If a line of the records contains the word "CompositionType", list it.
---------- Data shown ----------
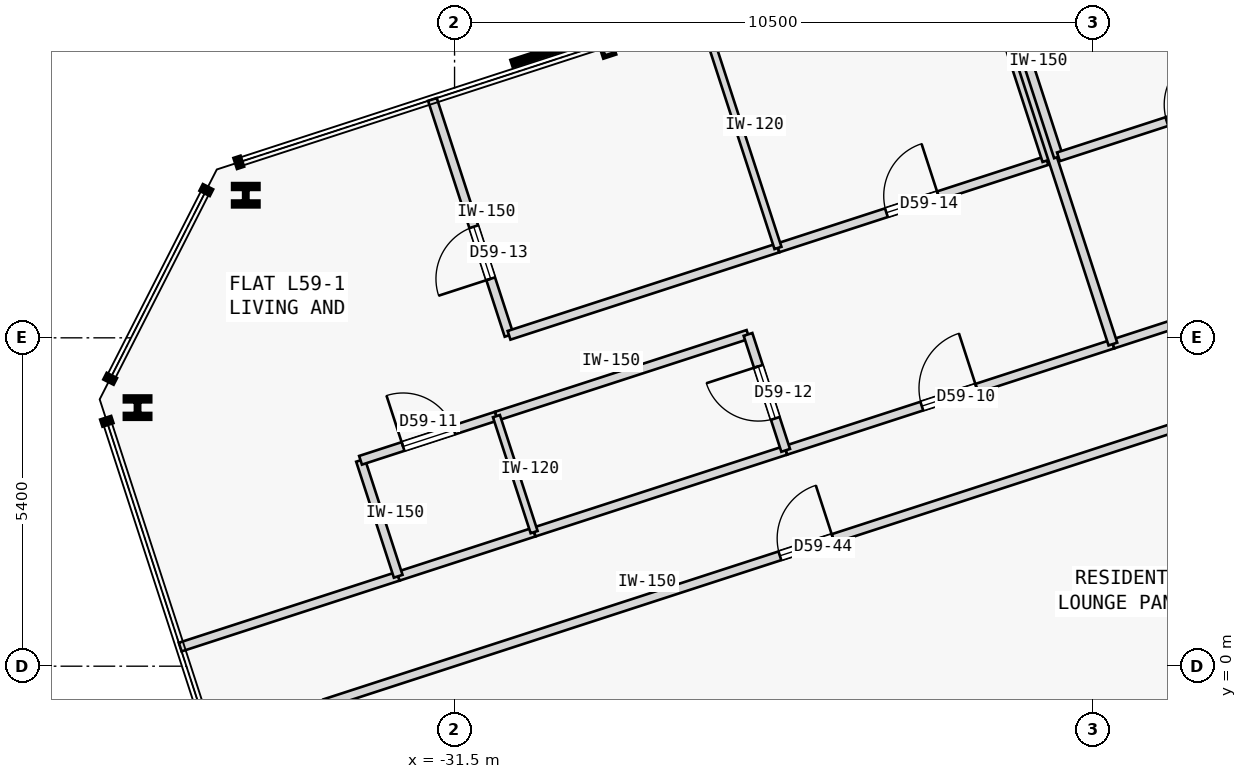
"""IFC4 building model, lengths in metres.
Left out: names, types, materials, properties, quantities, classifications, styles, units other than length and angle.
Written with IfcOpenShell. Run it as: python <this file> out.ifc"""

import sys

from ifc_helpers import new_model, si_unit, direction, frame, frame_2d, origin, origin_2d, place, context, subcontext, project, spatial, rectangle, i_section, extrude, element, fill, save


model = new_model("IFC4")
c1 = context("Model", 3, precision=1e-05, world=origin(), true_north=direction((0.0, 1.0)))
c2 = subcontext(c1, "Body", "Model", "MODEL_VIEW")
j1 = project(units=[si_unit("LENGTHUNIT", "METRE"), si_unit("PLANEANGLEUNIT", "RADIAN")], contexts=[c1])
p1 = place(None, origin())
s1 = spatial("IfcSite", under=j1, at=p1, CompositionType="ELEMENT")
p2 = place(p1, origin())
s2 = spatial("IfcBuilding", under=s1, at=p2, CompositionType="ELEMENT")
p3 = place(p2, frame((0.0, 0.0, 224.3)))
s3 = spatial("IfcBuildingStorey", under=s2, at=p3, CompositionType="ELEMENT", Elevation=224.3)
for number, where, z_axis, x_axis in (
    (1, (-34.934, 7.745, 0.0), (0.0, 0.0, 1.0), (1.0, 0.0, 0.0)),
    (2, (-36.713, 4.252, 0.0), (0.0, 0.0, 1.0), (1.0, 0.0, 0.0)),
):
    element("IfcColumn", number, at=place(p3, frame(where, z_axis=z_axis, x_axis=x_axis)), inside=s3, PredefinedType="COLUMN", context=c2, shape_type="SweptSolid", body=[
        extrude(i_section(OverallWidth=0.405, OverallDepth=0.355, WebThickness=0.042, FlangeThickness=0.068, FilletRadius=0.015, at=origin_2d()), origin(), (0.0, 0.0, 1.0), 3.35),
    ])
p4 = place(p3, frame((-36.012, 0.314, 0.0), z_axis=(0.0, 0.0, 1.0), x_axis=(0.951071182868, 0.308971851659, 0.0)))
e3 = element("IfcWall", 3, at=p4, inside=s3, PredefinedType="PARTITIONING", context=c2, shape_type="SweptSolid", body=[
    extrude(rectangle(XDim=3.77, YDim=0.15, at=frame_2d((1.885, 0.0))), origin(), (0.0, 0.0, 1.0), 3.125),
])
p5 = place(p3, frame((-26.055, 3.55, 0.0), z_axis=(0.0, 0.0, 1.0), x_axis=(0.951063554534, 0.308995332064, 0.0)))
e4 = element("IfcWall", 4, at=p5, inside=s3, PredefinedType="PARTITIONING", context=c2, shape_type="SweptSolid", body=[
    extrude(rectangle(XDim=5.658, YDim=0.15, at=frame_2d((2.829, 0.0))), origin(), (0.0, 0.0, 1.0), 3.125),
])
p6 = place(p5, frame((2.354, 0.0, 0.0)))
e5 = element("IfcOpeningElement", 5, at=p6, cuts=e4, PredefinedType="OPENING", context=c2, shape_type="SweptSolid", body=[
    extrude(rectangle(XDim=0.95, YDim=2.15, at=frame_2d((0.475, 1.075))), frame((0.0, 0.085, 0.0), z_axis=(0.0, -1.0, 0.0), x_axis=(1.0, 0.0, 0.0)), (0.0, 0.0, 1.0), 0.17),
])
p7 = place(p3, frame((-32.427, 1.479, 0.0), z_axis=(0.0, 0.0, 1.0), x_axis=(0.951045519245, 0.309050837767, 0.0)))
e6 = element("IfcWall", 6, at=p7, inside=s3, PredefinedType="PARTITIONING", context=c2, shape_type="SweptSolid", body=[
    extrude(rectangle(XDim=2.35, YDim=0.15, at=frame_2d((1.175, 0.0))), origin(), (0.0, 0.0, 1.0), 3.125),
])
p8 = place(p3, frame((-30.192, 2.205, 0.0), z_axis=(0.0, 0.0, 1.0), x_axis=(0.951052627573, 0.309028962374, 0.0)))
e7 = element("IfcWall", 7, at=p8, inside=s3, PredefinedType="PARTITIONING", context=c2, shape_type="SweptSolid", body=[
    extrude(rectangle(XDim=4.35, YDim=0.15, at=frame_2d((2.175, 0.0))), origin(), (0.0, 0.0, 1.0), 3.125),
])
p9 = place(p3, frame((-20.674, 5.298, 0.0), z_axis=(0.0, 0.0, 1.0), x_axis=(0.951057168147, 0.309014988174, 0.0)))
e8 = element("IfcWall", 8, at=p9, inside=s3, PredefinedType="PARTITIONING", context=c2, shape_type="SweptSolid", body=[
    extrude(rectangle(XDim=3.65, YDim=0.15, at=frame_2d((1.825, 0.0))), origin(), (0.0, 0.0, 1.0), 3.125),
])
p10 = place(p3, frame((-33.633, -0.616, 0.0), z_axis=(0.0, 0.0, 1.0), x_axis=(0.951058192995, 0.309011833974, 0.0)))
e9 = element("IfcWall", 9, at=p10, inside=s3, PredefinedType="PARTITIONING", context=c2, shape_type="SweptSolid", body=[
    extrude(rectangle(XDim=16.657, YDim=0.15, at=frame_2d((8.329, 0.0))), origin(), (0.0, 0.0, 1.0), 3.125),
])
p11 = place(p10, frame((7.868, 0.0, 0.0)))
e10 = element("IfcOpeningElement", 10, at=p11, cuts=e9, PredefinedType="OPENING", context=c2, shape_type="SweptSolid", body=[
    extrude(rectangle(XDim=0.92, YDim=2.15, at=frame_2d((0.46, 1.075))), frame((0.0, 0.085, 0.0), z_axis=(0.0, -1.0, 0.0), x_axis=(1.0, 0.0, 0.0)), (0.0, 0.0, 1.0), 0.17),
])
p12 = place(p3, frame((-32.427, 1.479, 0.0), z_axis=(0.0, 0.0, 1.0), x_axis=(-0.309022749039, 0.951054646472, 0.0)))
e11 = element("IfcWall", 11, at=p12, inside=s3, PredefinedType="PARTITIONING", context=c2, shape_type="SweptSolid", body=[
    extrude(rectangle(XDim=2.005, YDim=0.15, at=frame_2d((1.002, 0.0))), origin(), (0.0, 0.0, 1.0), 3.125),
])
p13 = place(p3, frame((-33.046, 3.386, 0.0), z_axis=(0.0, 0.0, 1.0), x_axis=(0.951045519245, 0.309050837767, 0.0)))
e12 = element("IfcWall", 12, at=p13, inside=s3, PredefinedType="PARTITIONING", context=c2, shape_type="SweptSolid", body=[
    extrude(rectangle(XDim=2.35, YDim=0.15, at=frame_2d((1.175, 0.0))), origin(), (0.0, 0.0, 1.0), 3.125),
])
p14 = place(p13, frame((0.735, 0.0, 0.0)))
e13 = element("IfcOpeningElement", 13, at=p14, cuts=e12, PredefinedType="OPENING", context=c2, shape_type="SweptSolid", body=[
    extrude(rectangle(XDim=0.88, YDim=2.15, at=frame_2d((0.44, 1.075))), frame((0.0, 0.085, 0.0), z_axis=(0.0, -1.0, 0.0), x_axis=(1.0, 0.0, 0.0)), (0.0, 0.0, 1.0), 0.17),
])
p15 = place(p3, frame((-30.811, 4.112, 0.0), z_axis=(0.0, 0.0, 1.0), x_axis=(0.951069122051, 0.308978195154, 0.0)))
e14 = element("IfcWall", 14, at=p15, inside=s3, PredefinedType="PARTITIONING", context=c2, shape_type="SweptSolid", body=[
    extrude(rectangle(XDim=4.35, YDim=0.15, at=frame_2d((2.175, 0.0))), origin(), (0.0, 0.0, 1.0), 3.125),
])
p16 = place(p3, frame((-26.055, 3.55, 0.0), z_axis=(0.0, 0.0, 1.0), x_axis=(-0.309058537449, 0.951043017129, 0.0)))
e15 = element("IfcWall", 15, at=p16, inside=s3, PredefinedType="PARTITIONING", context=c2, shape_type="SweptSolid", body=[
    extrude(rectangle(XDim=2.005, YDim=0.15, at=frame_2d((1.002, 0.0))), origin(), (0.0, 0.0, 1.0), 3.125),
])
p17 = place(p16, frame((0.552, 0.0, 0.0)))
e16 = element("IfcOpeningElement", 16, at=p17, cuts=e15, PredefinedType="OPENING", context=c2, shape_type="SweptSolid", body=[
    extrude(rectangle(XDim=0.9, YDim=2.15, at=frame_2d((0.45, 1.075))), frame((0.0, 0.085, 0.0), z_axis=(0.0, -1.0, 0.0), x_axis=(1.0, 0.0, 0.0)), (0.0, 0.0, 1.0), 0.17),
])
p18 = place(p3, frame((-30.604, 5.441, 0.0), z_axis=(0.0, 0.0, 1.0), x_axis=(-0.309018403393, 0.951056058476, 0.0)))
e17 = element("IfcWall", 17, at=p18, inside=s3, PredefinedType="PARTITIONING", context=c2, shape_type="SweptSolid", body=[
    extrude(rectangle(XDim=4.079, YDim=0.15, at=frame_2d((2.04, 0.0))), origin(), (0.0, 0.0, 1.0), 3.125),
])
p19 = place(p18, frame((0.978, 0.0, 0.0)))
e18 = element("IfcOpeningElement", 18, at=p19, cuts=e17, PredefinedType="OPENING", context=c2, shape_type="SweptSolid", body=[
    extrude(rectangle(XDim=0.9, YDim=2.15, at=frame_2d((0.45, 1.075))), frame((0.0, 0.085, 0.0), z_axis=(0.0, -1.0, 0.0), x_axis=(1.0, 0.0, 0.0)), (0.0, 0.0, 1.0), 0.17),
])
p20 = place(p3, frame((-30.604, 5.441, 0.0), z_axis=(0.0, 0.0, 1.0), x_axis=(0.951070715387, 0.308973290646, 0.0)))
e19 = element("IfcWall", 19, at=p20, inside=s3, PredefinedType="PARTITIONING", context=c2, shape_type="SweptSolid", body=[
    extrude(rectangle(XDim=4.65, YDim=0.15, at=frame_2d((2.325, 0.0))), origin(), (0.0, 0.0, 1.0), 3.125),
])
p21 = place(p3, frame((-26.181, 6.878, 0.0), z_axis=(0.0, 0.0, 1.0), x_axis=(0.951050272606, 0.309036209813, 0.0)))
e20 = element("IfcWall", 20, at=p21, inside=s3, PredefinedType="PARTITIONING", context=c2, shape_type="SweptSolid", body=[
    extrude(rectangle(XDim=4.65, YDim=0.15, at=frame_2d((2.325, 0.0))), origin(), (0.0, 0.0, 1.0), 3.125),
])
p22 = place(p21, frame((1.875, 0.0, 0.0)))
e21 = element("IfcOpeningElement", 21, at=p22, cuts=e20, PredefinedType="OPENING", context=c2, shape_type="SweptSolid", body=[
    extrude(rectangle(XDim=0.9, YDim=2.15, at=frame_2d((0.45, 1.075))), frame((0.0, 0.085, 0.0), z_axis=(0.0, -1.0, 0.0), x_axis=(1.0, 0.0, 0.0)), (0.0, 0.0, 1.0), 0.17),
])
p23 = place(p3, frame((-21.759, 8.315, 0.0), z_axis=(0.0, 0.0, 1.0), x_axis=(-0.309018403393, 0.951056058476, 0.0)))
e22 = element("IfcWall", 22, at=p23, inside=s3, PredefinedType="PARTITIONING", context=c2, shape_type="SweptSolid", body=[
    extrude(rectangle(XDim=4.079, YDim=0.15, at=frame_2d((2.04, 0.0))), origin(), (0.0, 0.0, 1.0), 3.125),
])
p24 = place(p3, frame((-20.674, 5.298, 0.0), z_axis=(0.0, 0.0, 1.0), x_axis=(-0.309029230739, 0.951052540372, 0.0)))
e23 = element("IfcWall", 23, at=p24, inside=s3, PredefinedType="PARTITIONING", context=c2, shape_type="SweptSolid", body=[
    extrude(rectangle(XDim=7.284, YDim=0.15, at=frame_2d((3.642, 0.0))), origin(), (0.0, 0.0, 1.0), 3.125),
])
p25 = place(p3, frame((-30.192, 2.205, 0.0), z_axis=(0.0, 0.0, 1.0), x_axis=(-0.309022749039, 0.951054646472, 0.0)))
e24 = element("IfcWall", 24, at=p25, inside=s3, PredefinedType="PARTITIONING", context=c2, shape_type="SweptSolid", body=[
    extrude(rectangle(XDim=2.005, YDim=0.12, at=frame_2d((1.002, 0.0))), origin(), (0.0, 0.0, 1.0), 3.125),
])
p26 = place(p3, frame((-26.181, 6.878, 0.0), z_axis=(0.0, 0.0, 1.0), x_axis=(-0.309018403393, 0.951056058476, 0.0)))
e25 = element("IfcWall", 25, at=p26, inside=s3, PredefinedType="PARTITIONING", context=c2, shape_type="SweptSolid", body=[
    extrude(rectangle(XDim=4.079, YDim=0.12, at=frame_2d((2.04, 0.0))), origin(), (0.0, 0.0, 1.0), 3.125),
])
p27 = place(p3, frame((-21.569, 8.377, 0.0), z_axis=(0.0, 0.0, 1.0), x_axis=(-0.309018403393, 0.951056058476, 0.0)))
e26 = element("IfcWall", 26, at=p27, inside=s3, PredefinedType="PARTITIONING", context=c2, shape_type="SweptSolid", body=[
    extrude(rectangle(XDim=4.079, YDim=0.15, at=frame_2d((2.04, 0.0))), origin(), (0.0, 0.0, 1.0), 3.125),
])
p28 = place(p3, frame((-21.569, 8.377, 0.0), z_axis=(0.0, 0.0, 1.0), x_axis=(0.951050272606, 0.309036209813, 0.0)))
e27 = element("IfcWall", 27, at=p28, inside=s3, PredefinedType="PARTITIONING", context=c2, shape_type="SweptSolid", body=[
    extrude(rectangle(XDim=4.65, YDim=0.15, at=frame_2d((2.325, 0.0))), origin(), (0.0, 0.0, 1.0), 3.125),
])
p29 = place(p28, frame((1.875, 0.0, 0.0)))
e28 = element("IfcOpeningElement", 28, at=p29, cuts=e27, PredefinedType="OPENING", context=c2, shape_type="SweptSolid", body=[
    extrude(rectangle(XDim=0.9, YDim=2.15, at=frame_2d((0.45, 1.075))), frame((0.0, 0.085, 0.0), z_axis=(0.0, -1.0, 0.0), x_axis=(1.0, 0.0, 0.0)), (0.0, 0.0, 1.0), 0.17),
])
p30 = place(p3, frame((-32.179, -5.093, 0.0), z_axis=(0.0, 0.0, 1.0), x_axis=(0.951053885426, 0.309025091239, 0.0)))
e29 = element("IfcWall", 29, at=p30, inside=s3, PredefinedType="PARTITIONING", context=c2, shape_type="SweptSolid", body=[
    extrude(rectangle(XDim=16.657, YDim=0.15, at=frame_2d((8.329, 0.0))), origin(), (0.0, 0.0, 1.0), 3.125),
])
p31 = place(p6, origin())
e30 = element("IfcDoor", 30, at=p31, inside=s3, OperationType="SINGLE_SWING_RIGHT", PredefinedType="DOOR", context=c2, shape_type="SweptSolid", body=[
    extrude(rectangle(XDim=0.95, YDim=2.15, at=frame_2d((0.475, 1.075))), frame((0.0, 0.025, 0.0), z_axis=(0.0, -1.0, 0.0), x_axis=(1.0, 0.0, 0.0)), (0.0, 0.0, 1.0), 0.05),
])
fill(e5, e30)
p32 = place(p14, origin())
e31 = element("IfcDoor", 31, at=p32, inside=s3, OperationType="SINGLE_SWING_LEFT", PredefinedType="DOOR", context=c2, shape_type="SweptSolid", body=[
    extrude(rectangle(XDim=0.88, YDim=2.15, at=frame_2d((0.44, 1.075))), frame((0.0, 0.025, 0.0), z_axis=(0.0, -1.0, 0.0), x_axis=(1.0, 0.0, 0.0)), (0.0, 0.0, 1.0), 0.05),
])
fill(e13, e31)
p33 = place(p17, origin())
e32 = element("IfcDoor", 32, at=p33, inside=s3, OperationType="SINGLE_SWING_RIGHT", PredefinedType="DOOR", context=c2, shape_type="SweptSolid", body=[
    extrude(rectangle(XDim=0.9, YDim=2.15, at=frame_2d((0.45, 1.075))), frame((0.0, 0.025, 0.0), z_axis=(0.0, -1.0, 0.0), x_axis=(1.0, 0.0, 0.0)), (0.0, 0.0, 1.0), 0.05),
])
fill(e16, e32)
p34 = place(p19, origin())
e33 = element("IfcDoor", 33, at=p34, inside=s3, OperationType="SINGLE_SWING_LEFT", PredefinedType="DOOR", context=c2, shape_type="SweptSolid", body=[
    extrude(rectangle(XDim=0.9, YDim=2.15, at=frame_2d((0.45, 1.075))), frame((0.0, 0.025, 0.0), z_axis=(0.0, -1.0, 0.0), x_axis=(1.0, 0.0, 0.0)), (0.0, 0.0, 1.0), 0.05),
])
fill(e18, e33)
p35 = place(p22, origin())
e34 = element("IfcDoor", 34, at=p35, inside=s3, OperationType="SINGLE_SWING_RIGHT", PredefinedType="DOOR", context=c2, shape_type="SweptSolid", body=[
    extrude(rectangle(XDim=0.9, YDim=2.15, at=frame_2d((0.45, 1.075))), frame((0.0, 0.025, 0.0), z_axis=(0.0, -1.0, 0.0), x_axis=(1.0, 0.0, 0.0)), (0.0, 0.0, 1.0), 0.05),
])
fill(e21, e34)
p36 = place(p29, origin())
e35 = element("IfcDoor", 35, at=p36, inside=s3, OperationType="SINGLE_SWING_RIGHT", PredefinedType="DOOR", context=c2, shape_type="SweptSolid", body=[
    extrude(rectangle(XDim=0.9, YDim=2.15, at=frame_2d((0.45, 1.075))), frame((0.0, 0.025, 0.0), z_axis=(0.0, -1.0, 0.0), x_axis=(1.0, 0.0, 0.0)), (0.0, 0.0, 1.0), 0.05),
])
fill(e28, e35)
p37 = place(p11, origin())
e36 = element("IfcDoor", 36, at=p37, inside=s3, OperationType="SINGLE_SWING_RIGHT", PredefinedType="DOOR", context=c2, shape_type="SweptSolid", body=[
    extrude(rectangle(XDim=0.92, YDim=2.15, at=frame_2d((0.46, 1.075))), frame((0.0, 0.025, 0.0), z_axis=(0.0, -1.0, 0.0), x_axis=(1.0, 0.0, 0.0)), (0.0, 0.0, 1.0), 0.05),
])
fill(e10, e36)
save(model, sys.argv[1])
----------
### Answer box
s1 = spatial("IfcSite", under=j1, at=p1, CompositionType="ELEMENT")
s2 = spatial("IfcBuilding", under=s1, at=p2, CompositionType="ELEMENT")
s3 = spatial("IfcBuildingStorey", under=s2, at=p3, CompositionType="ELEMENT", Elevation=224.3)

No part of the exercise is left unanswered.